Material to process Block Start

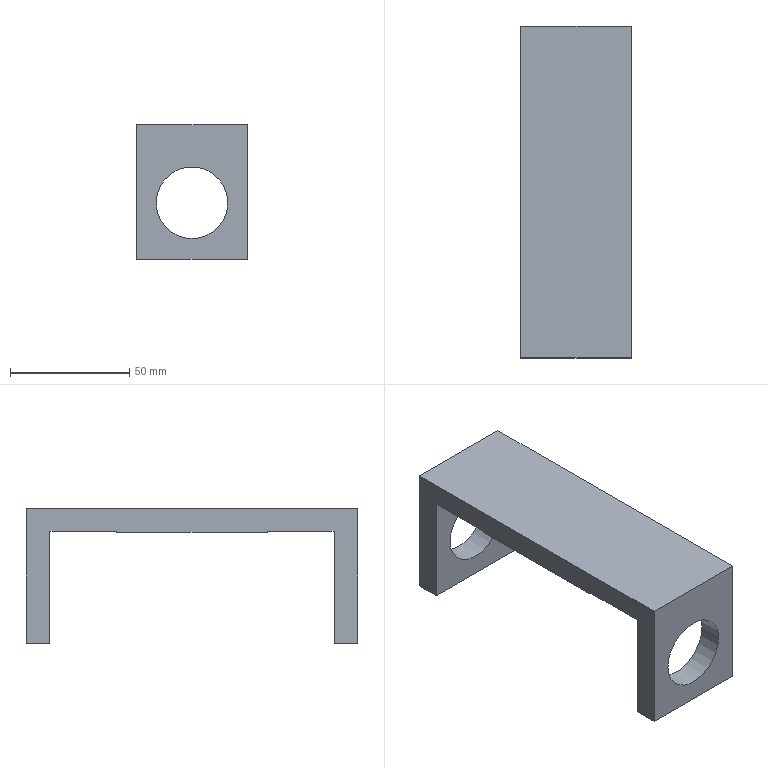Component | SolidWorks | HZ022-A001-D005-1 | 1 solid | 18 faces | box 46.5 x 139 x 56.5 mm | volume 92394 mm3 | plane 14 | cylinder 4 | commonest cylinder face diameters 30.05 x4 | material AL6061
build123d program:
from build123d import *

# Parameters (mm, degrees)
SKETCH1_2_W               = 139
SKETCH1_2_H               = 46.5
BOSS_EXTRUDE1_DEPTH       = 10
SKETCH2_W                 = 10
SKETCH2_H                 = 46.5
BOSS_EXTRUDE2_DEPTH       = 46.5
SKETCH3_R                 = 15.025
CUT_EXTRUDE1_DEPTH        = 152.835
SKETCH1_W                 = 28
SKETCH1_H                 = 60
CYLINDERCOVERRELIEF_DEPTH = 0.5


with BuildPart() as part:
    # Sketch1_2 → Boss-Extrude1 (new body)
    with BuildSketch(Plane(origin=(0, 0, 0), x_dir=(1, 0, 0), z_dir=(0, 1, 0))):
        Rectangle(SKETCH1_2_W, SKETCH1_2_H)
    extrude(amount=BOSS_EXTRUDE1_DEPTH)

    # Sketch2 → Boss-Extrude2 (add)
    with BuildSketch(Plane(origin=(0, 10, 0), x_dir=(1, 0, 0), z_dir=(0, 1, 0))):
        with Locations((-64.5, 0)):
            Rectangle(SKETCH2_W, SKETCH2_H)
        with Locations((64.5, 0)):
            Rectangle(SKETCH2_W, SKETCH2_H)
    extrude(amount=BOSS_EXTRUDE2_DEPTH)

    # Sketch3 → Cut-Extrude1 (cut, through all)
    with BuildSketch(Plane(origin=(69.5, 0, 0), x_dir=(0, 0, -1), z_dir=(1, 0, 0))):
        with Locations((0, 32.75)):
            Circle(SKETCH3_R)
    extrude(amount=-CUT_EXTRUDE1_DEPTH, mode=Mode.SUBTRACT)

    # Sketch1 → CylinderCoverRelief (cut)
    with BuildSketch(Plane(origin=(0, 10, 0), x_dir=(1, 0, 0), z_dir=(0, 1, 0))):
        with Locations((45.5, 0)):
            Rectangle(SKETCH1_W, SKETCH1_H)
        with Locations((-45.5, 0)):
            Rectangle(SKETCH1_W, SKETCH1_H)
    extrude(amount=-CYLINDERCOVERRELIEF_DEPTH, mode=Mode.SUBTRACT)


solid = part.part

# Placed as in the assembly
solid = solid.moved(Location((-12.865, -82.102, 400), (-90, 90, 0)))
STEP:
#1=COLOUR_RGB('',0.7922,0.8196,0.9333);
#2=FILL_AREA_STYLE_COLOUR('',#1);
#3=FILL_AREA_STYLE('',(#2));
#4=SURFACE_STYLE_FILL_AREA(#3);
#5=SURFACE_SIDE_STYLE('',(#4));
#6=SURFACE_STYLE_USAGE(.BOTH.,#5);
#7=PRESENTATION_STYLE_ASSIGNMENT((#6));
#8=CARTESIAN_POINT('',(0.08504,-0.4962,14.459));
#9=VERTEX_POINT('',#8);
#10=CARTESIAN_POINT('',(-1.098,-0.4962,14.459));
#11=VERTEX_POINT('',#10);
#12=CARTESIAN_POINT('',(-0.5065,-0.4962,14.459));
#13=DIRECTION('',(0.,-1.,0.));
#14=DIRECTION('',(-1.,0.,0.));
#15=AXIS2_PLACEMENT_3D('',#12,#13,#14);
#16=CIRCLE('',#15,0.5915);
#17=EDGE_CURVE('',#9,#11,#16,.T.);
#18=ORIENTED_EDGE('',*,*,#17,.F.);
#19=CARTESIAN_POINT('',(0.08504,-0.8899,14.459));
#20=VERTEX_POINT('',#19);
#21=CARTESIAN_POINT('',(0.08504,-0.4962,14.459));
#22=DIRECTION('',(0.,-1.,0.));
#23=VECTOR('',#22,39.37);
#24=LINE('',#21,#23);
#25=EDGE_CURVE('',#9,#20,#24,.T.);
#26=ORIENTED_EDGE('',*,*,#25,.T.);
#27=CARTESIAN_POINT('',(-1.098,-0.8899,14.459));
#28=VERTEX_POINT('',#27);
#29=CARTESIAN_POINT('',(-0.5065,-0.8899,14.459));
#30=DIRECTION('',(-0.,1.,-0.));
#31=DIRECTION('',(1.,0.,0.));
#32=AXIS2_PLACEMENT_3D('',#29,#30,#31);
#33=CIRCLE('',#32,0.5915);
#34=EDGE_CURVE('',#28,#20,#33,.T.);
#35=ORIENTED_EDGE('',*,*,#34,.F.);
#36=CARTESIAN_POINT('',(-1.098,-0.4962,14.459));
#37=DIRECTION('',(0.,-1.,0.));
#38=VECTOR('',#37,39.37);
#39=LINE('',#36,#38);
#40=EDGE_CURVE('',#11,#28,#39,.T.);
#41=ORIENTED_EDGE('',*,*,#40,.F.);
#42=EDGE_LOOP('',(#18,#26,#35,#41));
#43=FACE_OUTER_BOUND('',#42,.T.);
#44=CARTESIAN_POINT('',(-0.5065,-0.4962,14.459));
#45=DIRECTION('',(0.,-1.,0.));
#46=DIRECTION('',(-1.,0.,0.));
#47=AXIS2_PLACEMENT_3D('',#44,#45,#46);
#48=CYLINDRICAL_SURFACE('',#47,0.5915);
#49=ADVANCED_FACE('',(#43),#48,.F.);
#50=CARTESIAN_POINT('',(0.08504,-5.575,14.459));
#51=VERTEX_POINT('',#50);
#52=CARTESIAN_POINT('',(-1.098,-5.575,14.459));
#53=VERTEX_POINT('',#52);
#54=CARTESIAN_POINT('',(-0.5065,-5.575,14.459));
#55=DIRECTION('',(-0.,-1.,-0.));
#56=DIRECTION('',(-1.,0.,0.));
#57=AXIS2_PLACEMENT_3D('',#54,#55,#56);
#58=CIRCLE('',#57,0.5915);
#59=EDGE_CURVE('',#51,#53,#58,.T.);
#60=ORIENTED_EDGE('',*,*,#59,.F.);
#61=CARTESIAN_POINT('',(0.08504,-5.969,14.459));
#62=VERTEX_POINT('',#61);
#63=CARTESIAN_POINT('',(0.08504,-0.4962,14.459));
#64=DIRECTION('',(0.,-1.,0.));
#65=VECTOR('',#64,39.37);
#66=LINE('',#63,#65);
#67=EDGE_CURVE('',#51,#62,#66,.T.);
#68=ORIENTED_EDGE('',*,*,#67,.T.);
#69=CARTESIAN_POINT('',(-1.098,-5.969,14.459));
#70=VERTEX_POINT('',#69);
#71=CARTESIAN_POINT('',(-0.5065,-5.969,14.459));
#72=DIRECTION('',(0.,-1.,0.));
#73=DIRECTION('',(-1.,0.,0.));
#74=AXIS2_PLACEMENT_3D('',#71,#72,#73);
#75=CIRCLE('',#74,0.5915);
#76=EDGE_CURVE('',#62,#70,#75,.T.);
#77=ORIENTED_EDGE('',*,*,#76,.T.);
#78=CARTESIAN_POINT('',(-1.098,-0.4962,14.459));
#79=DIRECTION('',(0.,-1.,0.));
#80=VECTOR('',#79,39.37);
#81=LINE('',#78,#80);
#82=EDGE_CURVE('',#53,#70,#81,.T.);
#83=ORIENTED_EDGE('',*,*,#82,.F.);
#84=EDGE_LOOP('',(#60,#68,#77,#83));
#85=FACE_OUTER_BOUND('',#84,.T.);
#86=CARTESIAN_POINT('',(-0.5065,-0.4962,14.459));
#87=DIRECTION('',(0.,-1.,0.));
#88=DIRECTION('',(-1.,0.,0.));
#89=AXIS2_PLACEMENT_3D('',#86,#87,#88);
#90=CYLINDRICAL_SURFACE('',#89,0.5915);
#91=ADVANCED_FACE('',(#85),#90,.F.);
#92=CARTESIAN_POINT('',(-1.422,-4.473,15.354));
#93=VERTEX_POINT('',#92);
#94=CARTESIAN_POINT('',(0.4089,-4.473,15.354));
#95=VERTEX_POINT('',#94);
#96=CARTESIAN_POINT('',(0.6746,-4.473,15.354));
#97=DIRECTION('',(1.,-0.,0.));
#98=VECTOR('',#97,39.37);
#99=LINE('',#96,#98);
#100=EDGE_CURVE('',#93,#95,#99,.T.);
#101=ORIENTED_EDGE('',*,*,#100,.F.);
#102=CARTESIAN_POINT('',(-1.422,-1.992,15.354));
#103=VERTEX_POINT('',#102);
#104=CARTESIAN_POINT('',(-1.422,-0.4962,15.354));
#105=DIRECTION('',(-0.,1.,-0.));
#106=VECTOR('',#105,39.37);
#107=LINE('',#104,#106);
#108=EDGE_CURVE('',#93,#103,#107,.T.);
#109=ORIENTED_EDGE('',*,*,#108,.T.);
#110=CARTESIAN_POINT('',(0.4089,-1.992,15.354));
#111=VERTEX_POINT('',#110);
#112=CARTESIAN_POINT('',(-1.688,-1.992,15.354));
#113=DIRECTION('',(-1.,0.,-0.));
#114=VECTOR('',#113,39.37);
#115=LINE('',#112,#114);
#116=EDGE_CURVE('',#111,#103,#115,.T.);
#117=ORIENTED_EDGE('',*,*,#116,.F.);
#118=CARTESIAN_POINT('',(0.4089,-0.4962,15.354));
#119=DIRECTION('',(0.,-1.,0.));
#120=VECTOR('',#119,39.37);
#121=LINE('',#118,#120);
#122=EDGE_CURVE('',#111,#95,#121,.T.);
#123=ORIENTED_EDGE('',*,*,#122,.T.);
#124=EDGE_LOOP('',(#101,#109,#117,#123));
#125=FACE_OUTER_BOUND('',#124,.T.);
#126=CARTESIAN_POINT('',(-0.5065,-3.232,15.354));
#127=DIRECTION('',(0.,0.,-1.));
#128=DIRECTION('',(1.,-0.,0.));
#129=AXIS2_PLACEMENT_3D('',#126,#127,#128);
#130=PLANE('',#129);
#131=ADVANCED_FACE('',(#125),#130,.T.);
#132=CARTESIAN_POINT('',(-0.5065,-5.969,14.459));
#133=DIRECTION('',(0.,-1.,0.));
#134=DIRECTION('',(-1.,0.,0.));
#135=AXIS2_PLACEMENT_3D('',#132,#133,#134);
#136=CIRCLE('',#135,0.5915);
#137=EDGE_CURVE('',#70,#62,#136,.T.);
#138=ORIENTED_EDGE('',*,*,#137,.F.);
#139=ORIENTED_EDGE('',*,*,#76,.F.);
#140=EDGE_LOOP('',(#138,#139));
#141=FACE_BOUND('',#140,.T.);
#142=CARTESIAN_POINT('',(0.4089,-5.969,15.748));
#143=VERTEX_POINT('',#142);
#144=CARTESIAN_POINT('',(-1.422,-5.969,15.748));
#145=VERTEX_POINT('',#144);
#146=CARTESIAN_POINT('',(-1.422,-5.969,15.748));
#147=DIRECTION('',(-1.,0.,-0.));
#148=VECTOR('',#147,39.37);
#149=LINE('',#146,#148);
#150=EDGE_CURVE('',#143,#145,#149,.T.);
#151=ORIENTED_EDGE('',*,*,#150,.T.);
#152=CARTESIAN_POINT('',(-1.422,-5.969,13.524));
#153=VERTEX_POINT('',#152);
#154=CARTESIAN_POINT('',(-1.422,-5.969,15.354));
#155=DIRECTION('',(-0.,-0.,1.));
#156=VECTOR('',#155,39.37);
#157=LINE('',#154,#156);
#158=EDGE_CURVE('',#153,#145,#157,.T.);
#159=ORIENTED_EDGE('',*,*,#158,.F.);
#160=CARTESIAN_POINT('',(0.4089,-5.969,13.524));
#161=VERTEX_POINT('',#160);
#162=CARTESIAN_POINT('',(0.4089,-5.969,13.524));
#163=DIRECTION('',(-1.,0.,-0.));
#164=VECTOR('',#163,39.37);
#165=LINE('',#162,#164);
#166=EDGE_CURVE('',#161,#153,#165,.T.);
#167=ORIENTED_EDGE('',*,*,#166,.F.);
#168=CARTESIAN_POINT('',(0.4089,-5.969,15.354));
#169=DIRECTION('',(-0.,-0.,1.));
#170=VECTOR('',#169,39.37);
#171=LINE('',#168,#170);
#172=EDGE_CURVE('',#161,#143,#171,.T.);
#173=ORIENTED_EDGE('',*,*,#172,.T.);
#174=EDGE_LOOP('',(#151,#159,#167,#173));
#175=FACE_OUTER_BOUND('',#174,.T.);
#176=CARTESIAN_POINT('',(-1.422,-5.969,15.354));
#177=DIRECTION('',(0.,1.,-0.));
#178=DIRECTION('',(1.,-0.,0.));
#179=AXIS2_PLACEMENT_3D('',#176,#177,#178);
#180=PLANE('',#179);
#181=ADVANCED_FACE('',(#141,#175),#180,.F.);
#182=ORIENTED_EDGE('',*,*,#108,.F.);
#183=CARTESIAN_POINT('',(-1.422,-4.473,15.374));
#184=VERTEX_POINT('',#183);
#185=CARTESIAN_POINT('',(-1.422,-4.473,15.354));
#186=DIRECTION('',(-0.,-0.,1.));
#187=VECTOR('',#186,39.37);
#188=LINE('',#185,#187);
#189=EDGE_CURVE('',#93,#184,#188,.T.);
#190=ORIENTED_EDGE('',*,*,#189,.T.);
#191=CARTESIAN_POINT('',(-1.422,-5.575,15.374));
#192=VERTEX_POINT('',#191);
#193=CARTESIAN_POINT('',(-1.422,-0.4962,15.374));
#194=DIRECTION('',(0.,-1.,0.));
#195=VECTOR('',#194,39.37);
#196=LINE('',#193,#195);
#197=EDGE_CURVE('',#184,#192,#196,.T.);
#198=ORIENTED_EDGE('',*,*,#197,.T.);
#199=CARTESIAN_POINT('',(-1.422,-5.575,13.524));
#200=VERTEX_POINT('',#199);
#201=CARTESIAN_POINT('',(-1.422,-5.575,13.524));
#202=DIRECTION('',(-0.,-0.,1.));
#203=VECTOR('',#202,39.37);
#204=LINE('',#201,#203);
#205=EDGE_CURVE('',#200,#192,#204,.T.);
#206=ORIENTED_EDGE('',*,*,#205,.F.);
#207=CARTESIAN_POINT('',(-1.422,-5.575,13.524));
#208=DIRECTION('',(-0.,1.,-0.));
#209=VECTOR('',#208,39.37);
#210=LINE('',#207,#209);
#211=EDGE_CURVE('',#153,#200,#210,.T.);
#212=ORIENTED_EDGE('',*,*,#211,.F.);
#213=ORIENTED_EDGE('',*,*,#158,.T.);
#214=CARTESIAN_POINT('',(-1.422,-0.4962,15.748));
#215=VERTEX_POINT('',#214);
#216=CARTESIAN_POINT('',(-1.422,-0.4962,15.748));
#217=DIRECTION('',(-0.,1.,-0.));
#218=VECTOR('',#217,39.37);
#219=LINE('',#216,#218);
#220=EDGE_CURVE('',#145,#215,#219,.T.);
#221=ORIENTED_EDGE('',*,*,#220,.T.);
#222=CARTESIAN_POINT('',(-1.422,-0.4962,13.524));
#223=VERTEX_POINT('',#222);
#224=CARTESIAN_POINT('',(-1.422,-0.4962,15.354));
#225=DIRECTION('',(-0.,-0.,1.));
#226=VECTOR('',#225,39.37);
#227=LINE('',#224,#226);
#228=EDGE_CURVE('',#223,#215,#227,.T.);
#229=ORIENTED_EDGE('',*,*,#228,.F.);
#230=CARTESIAN_POINT('',(-1.422,-0.8899,13.524));
#231=VERTEX_POINT('',#230);
#232=CARTESIAN_POINT('',(-1.422,-0.8899,13.524));
#233=DIRECTION('',(-0.,1.,-0.));
#234=VECTOR('',#233,39.37);
#235=LINE('',#232,#234);
#236=EDGE_CURVE('',#231,#223,#235,.T.);
#237=ORIENTED_EDGE('',*,*,#236,.F.);
#238=CARTESIAN_POINT('',(-1.422,-0.8899,15.374));
#239=VERTEX_POINT('',#238);
#240=CARTESIAN_POINT('',(-1.422,-0.8899,13.524));
#241=DIRECTION('',(-0.,-0.,1.));
#242=VECTOR('',#241,39.37);
#243=LINE('',#240,#242);
#244=EDGE_CURVE('',#231,#239,#243,.T.);
#245=ORIENTED_EDGE('',*,*,#244,.T.);
#246=CARTESIAN_POINT('',(-1.422,-1.992,15.374));
#247=VERTEX_POINT('',#246);
#248=CARTESIAN_POINT('',(-1.422,-0.4962,15.374));
#249=DIRECTION('',(0.,-1.,0.));
#250=VECTOR('',#249,39.37);
#251=LINE('',#248,#250);
#252=EDGE_CURVE('',#239,#247,#251,.T.);
#253=ORIENTED_EDGE('',*,*,#252,.T.);
#254=CARTESIAN_POINT('',(-1.422,-1.992,15.354));
#255=DIRECTION('',(0.,0.,-1.));
#256=VECTOR('',#255,39.37);
#257=LINE('',#254,#256);
#258=EDGE_CURVE('',#247,#103,#257,.T.);
#259=ORIENTED_EDGE('',*,*,#258,.T.);
#260=EDGE_LOOP('',(#182,#190,#198,#206,#212,#213,#221,#229,#237,#245,#253,#259));
#261=FACE_OUTER_BOUND('',#260,.T.);
#262=CARTESIAN_POINT('',(-1.422,-0.4962,15.354));
#263=DIRECTION('',(1.,0.,0.));
#264=DIRECTION('',(0.,-1.,0.));
#265=AXIS2_PLACEMENT_3D('',#262,#263,#264);
#266=PLANE('',#265);
#267=ADVANCED_FACE('',(#261),#266,.F.);
#268=CARTESIAN_POINT('',(-0.5065,-0.4962,14.459));
#269=DIRECTION('',(0.,-1.,0.));
#270=DIRECTION('',(-1.,0.,0.));
#271=AXIS2_PLACEMENT_3D('',#268,#269,#270);
#272=CIRCLE('',#271,0.5915);
#273=EDGE_CURVE('',#11,#9,#272,.T.);
#274=ORIENTED_EDGE('',*,*,#273,.T.);
#275=ORIENTED_EDGE('',*,*,#17,.T.);
#276=EDGE_LOOP('',(#274,#275));
#277=FACE_BOUND('',#276,.T.);
#278=CARTESIAN_POINT('',(0.4089,-0.4962,15.748));
#279=VERTEX_POINT('',#278);
#280=CARTESIAN_POINT('',(-1.422,-0.4962,15.748));
#281=DIRECTION('',(1.,-0.,0.));
#282=VECTOR('',#281,39.37);
#283=LINE('',#280,#282);
#284=EDGE_CURVE('',#215,#279,#283,.T.);
#285=ORIENTED_EDGE('',*,*,#284,.T.);
#286=CARTESIAN_POINT('',(0.4089,-0.4962,13.524));
#287=VERTEX_POINT('',#286);
#288=CARTESIAN_POINT('',(0.4089,-0.4962,15.354));
#289=DIRECTION('',(-0.,-0.,1.));
#290=VECTOR('',#289,39.37);
#291=LINE('',#288,#290);
#292=EDGE_CURVE('',#287,#279,#291,.T.);
#293=ORIENTED_EDGE('',*,*,#292,.F.);
#294=CARTESIAN_POINT('',(0.4089,-0.4962,13.524));
#295=DIRECTION('',(1.,-0.,0.));
#296=VECTOR('',#295,39.37);
#297=LINE('',#294,#296);
#298=EDGE_CURVE('',#223,#287,#297,.T.);
#299=ORIENTED_EDGE('',*,*,#298,.F.);
#300=ORIENTED_EDGE('',*,*,#228,.T.);
#301=EDGE_LOOP('',(#285,#293,#299,#300));
#302=FACE_OUTER_BOUND('',#301,.T.);
#303=CARTESIAN_POINT('',(-1.422,-0.4962,15.354));
#304=DIRECTION('',(-0.,-1.,0.));
#305=DIRECTION('',(-1.,0.,-0.));
#306=AXIS2_PLACEMENT_3D('',#303,#304,#305);
#307=PLANE('',#306);
#308=ADVANCED_FACE('',(#277,#302),#307,.F.);
#309=CARTESIAN_POINT('',(0.4089,-5.575,15.374));
#310=VERTEX_POINT('',#309);
#311=CARTESIAN_POINT('',(0.4089,-4.473,15.374));
#312=VERTEX_POINT('',#311);
#313=CARTESIAN_POINT('',(0.4089,-0.4962,15.374));
#314=DIRECTION('',(-0.,1.,-0.));
#315=VECTOR('',#314,39.37);
#316=LINE('',#313,#315);
#317=EDGE_CURVE('',#310,#312,#316,.T.);
#318=ORIENTED_EDGE('',*,*,#317,.T.);
#319=CARTESIAN_POINT('',(0.4089,-4.473,15.354));
#320=DIRECTION('',(0.,0.,-1.));
#321=VECTOR('',#320,39.37);
#322=LINE('',#319,#321);
#323=EDGE_CURVE('',#312,#95,#322,.T.);
#324=ORIENTED_EDGE('',*,*,#323,.T.);
#325=ORIENTED_EDGE('',*,*,#122,.F.);
#326=CARTESIAN_POINT('',(0.4089,-1.992,15.374));
#327=VERTEX_POINT('',#326);
#328=CARTESIAN_POINT('',(0.4089,-1.992,15.354));
#329=DIRECTION('',(-0.,-0.,1.));
#330=VECTOR('',#329,39.37);
#331=LINE('',#328,#330);
#332=EDGE_CURVE('',#111,#327,#331,.T.);
#333=ORIENTED_EDGE('',*,*,#332,.T.);
#334=CARTESIAN_POINT('',(0.4089,-0.8899,15.374));
#335=VERTEX_POINT('',#334);
#336=CARTESIAN_POINT('',(0.4089,-0.4962,15.374));
#337=DIRECTION('',(-0.,1.,-0.));
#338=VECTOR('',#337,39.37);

Material to process Block End

*Work required:*
Based on the listing, determine the number of lines that include the string "SUBTRACT", and give that number without further text.

*Solution to this exercise:*
2